YOUR ASSIGNMENT:
Using the data below, return every line that holds the word "Mark".

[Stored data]
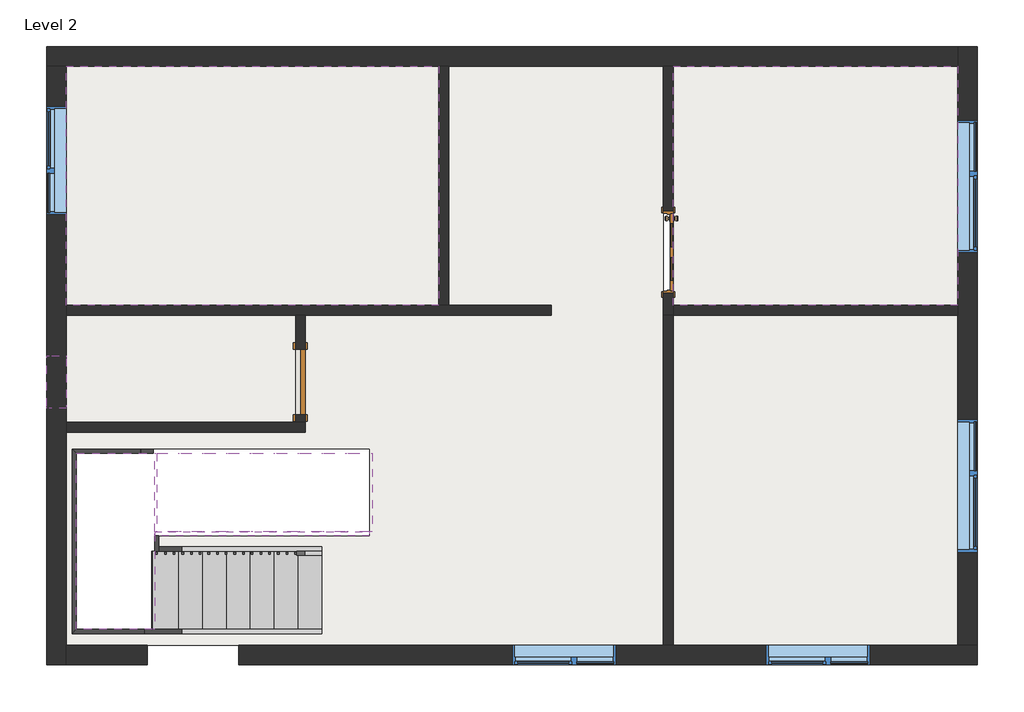
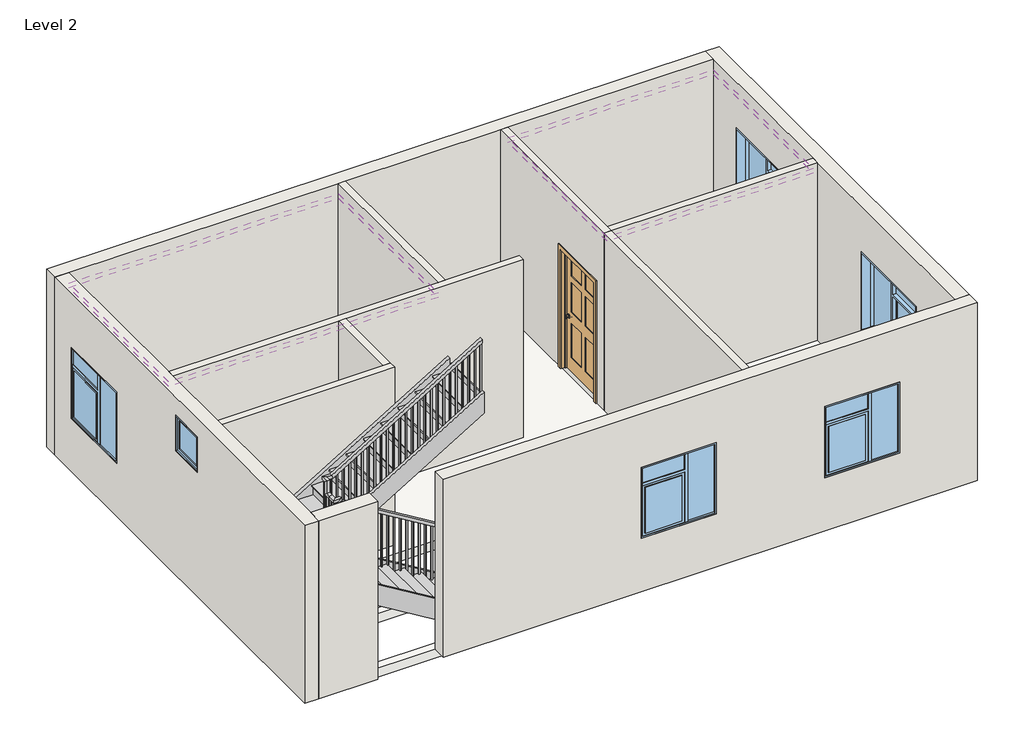
# One storey: 11 walls, 8 members, 6 windows, 4 coverings, 2 doors, 2 slabs, 2 stair flights, 1 railing.
# Revit data of these elements (continued)
# Elements 7, 8, 9, 10, 11, 12, 13, 14 (IfcMember, "Stringer - 2\" Width")
#   Phase Created = New Construction
# Element 15 (IfcRailing, "Handrail - Rectangular")
#   Phase Created = New Construction
# Element 16 (IfcSlab, "FLOORING 6\"")
#   Height Offset From Level = 0' - 0"
#   Phase Created = New Construction
#   Materials on its faces: "FLOORING 1'"
# Element 17 (IfcSlab, "Non-Monolithic Landing")
#   Phase Created = New Construction
# Elements 18, 19 (IfcStairFlight, "2\" Tread 1\" Nosing 1/4\" Riser")
#   Phase Created = New Construction
# Elements 20, 21, 22, 23 (IfcWall, "OUTER Wall 9\"")
#   Top Offset = 0' - 0"
#   Base Offset = 0' - 0"
#   wall height = 10' - 0"
#   Phase Created = New Construction
#   Base Constraint = Level 2
#   Top Constraint = Level 4
#   Materials on its faces: "outer wall"
# Elements 24, 25, 26, 27, 28, 29, 30 (IfcWall, "inner wall 4.5\"")
#   Top Offset = 0' - 0"
#   Base Offset = 0' - 0"
#   wall height = 10' - 0"
#   Phase Created = New Construction
#   Base Constraint = Level 2
#   Top Constraint = Level 4
#   Materials on its faces: "outer wall"
# Element 31 (IfcWindow, "Fixed : 24\" x 24\"")
#   Mark = "7"
#   Phase Created = New Construction
#   Materials on its faces: "Sash", "Glass"
# Element 32 (IfcWindow, "Window-Casement-Double-Sidelight : 50\" x 48\"")
#   Mark = "10"
#   Window Inset = 0' - 0 5/8"
#   Frame Gap 3 = 0' - 1 83/128"
#   Frame Gap 2 = 0' - 0 5/8"
#   Phase Created = New Construction
#   Materials on its faces: "Metal - Aluminum", "Glass"
# Element 33 (IfcWindow, "Window-Casement-Double-Sidelight : 61\" x 53\"")
#   Mark = "8"
#   Window Inset = 0' - 0 5/8"
#   Frame Gap 3 = 0' - 1 83/128"
#   Frame Gap 2 = 0' - 0 5/8"
#   Phase Created = New Construction
#   Materials on its faces: "Metal - Aluminum", "Glass"
# Element 34 (IfcWindow, "Window-Casement-Double-Sidelight : 61\" x 53\"")
#   Mark = "9"
#   Window Inset = 0' - 0 5/8"
#   Frame Gap 3 = 0' - 1 83/128"
#   Frame Gap 2 = 0' - 0 5/8"
#   Phase Created = New Construction
#   Materials on its faces: "Metal - Aluminum", "Glass"
# Element 35 (IfcWindow, "Window-Casement-Double-Sidelight : WINDOWS 4' X 4' 2")
#   Mark = "11"
#   Window Inset = 0' - 0 5/8"
#   Frame Gap 3 = 0' - 1 83/128"
#   Frame Gap 2 = 0' - 0 5/8"
#   Phase Created = New Construction
#   Materials on its faces: "BLACK MATERIAL", "Glass"
# Element 36 (IfcWindow, "Window-Casement-Double-Sidelight : WINDOWS 4' X 4' 2")
#   Mark = "12"
#   Window Inset = 0' - 0 5/8"
#   Frame Gap 3 = 0' - 1 83/128"
#   Frame Gap 2 = 0' - 0 5/8"
#   Phase Created = New Construction
#   Materials on its faces: "BLACK MATERIAL", "Glass"
# Materials
#   "Metal Stud Layer": class "Metal", colour RGB 199 199 199, transparency 0, Description = "Light gauge steel framing, thermal air layer", Cost = 0
#   "Laminate, Ivory, Matte": class "Plastic", colour RGB 247 247 239, transparency 0, Description = "Plastic Laminate - Ivory, Matte", Cost = 0
#   "Cherry": class "Wood", colour RGB 226 177 128, transparency 0, Description = "Prunus Serotina", Cost = 0
#   "Aluminum": class "Metal", colour RGB 247 247 247, transparency 0, Description = "Aluminum 6061", Cost = 0
#   "Door - Panel": class "Wood", colour RGB 210 159 95, transparency 0, Cost = 0
#   "Door - Frame": colour RGB 118 70 51, transparency 0, Cost = 0
#   "FLOORING 1'": class "Generic", colour RGB 120 120 120, transparency 0, Cost = 0
#   "outer wall": class "Generic", colour RGB 120 120 120, transparency 0, Cost = 0
#   "Glass": class "Glass", colour RGB 0 128 192, transparency 0.75, Description = "Soda Lime Glass", Cost = 0
#   "Sash": class "Wood", colour RGB 224 178 126, transparency 0, Cost = 0
#   "Metal - Aluminum": class "Metal", colour RGB 247 247 247, transparency 0
#   "BLACK MATERIAL": class "Generic", colour RGB 120 120 120, transparency 0, Cost = 0

ANSWER TO THE EXERCISE:
#   Mark = "7"
#   Mark = "10"
#   Mark = "8"
#   Mark = "9"
#   Mark = "11"
#   Mark = "12"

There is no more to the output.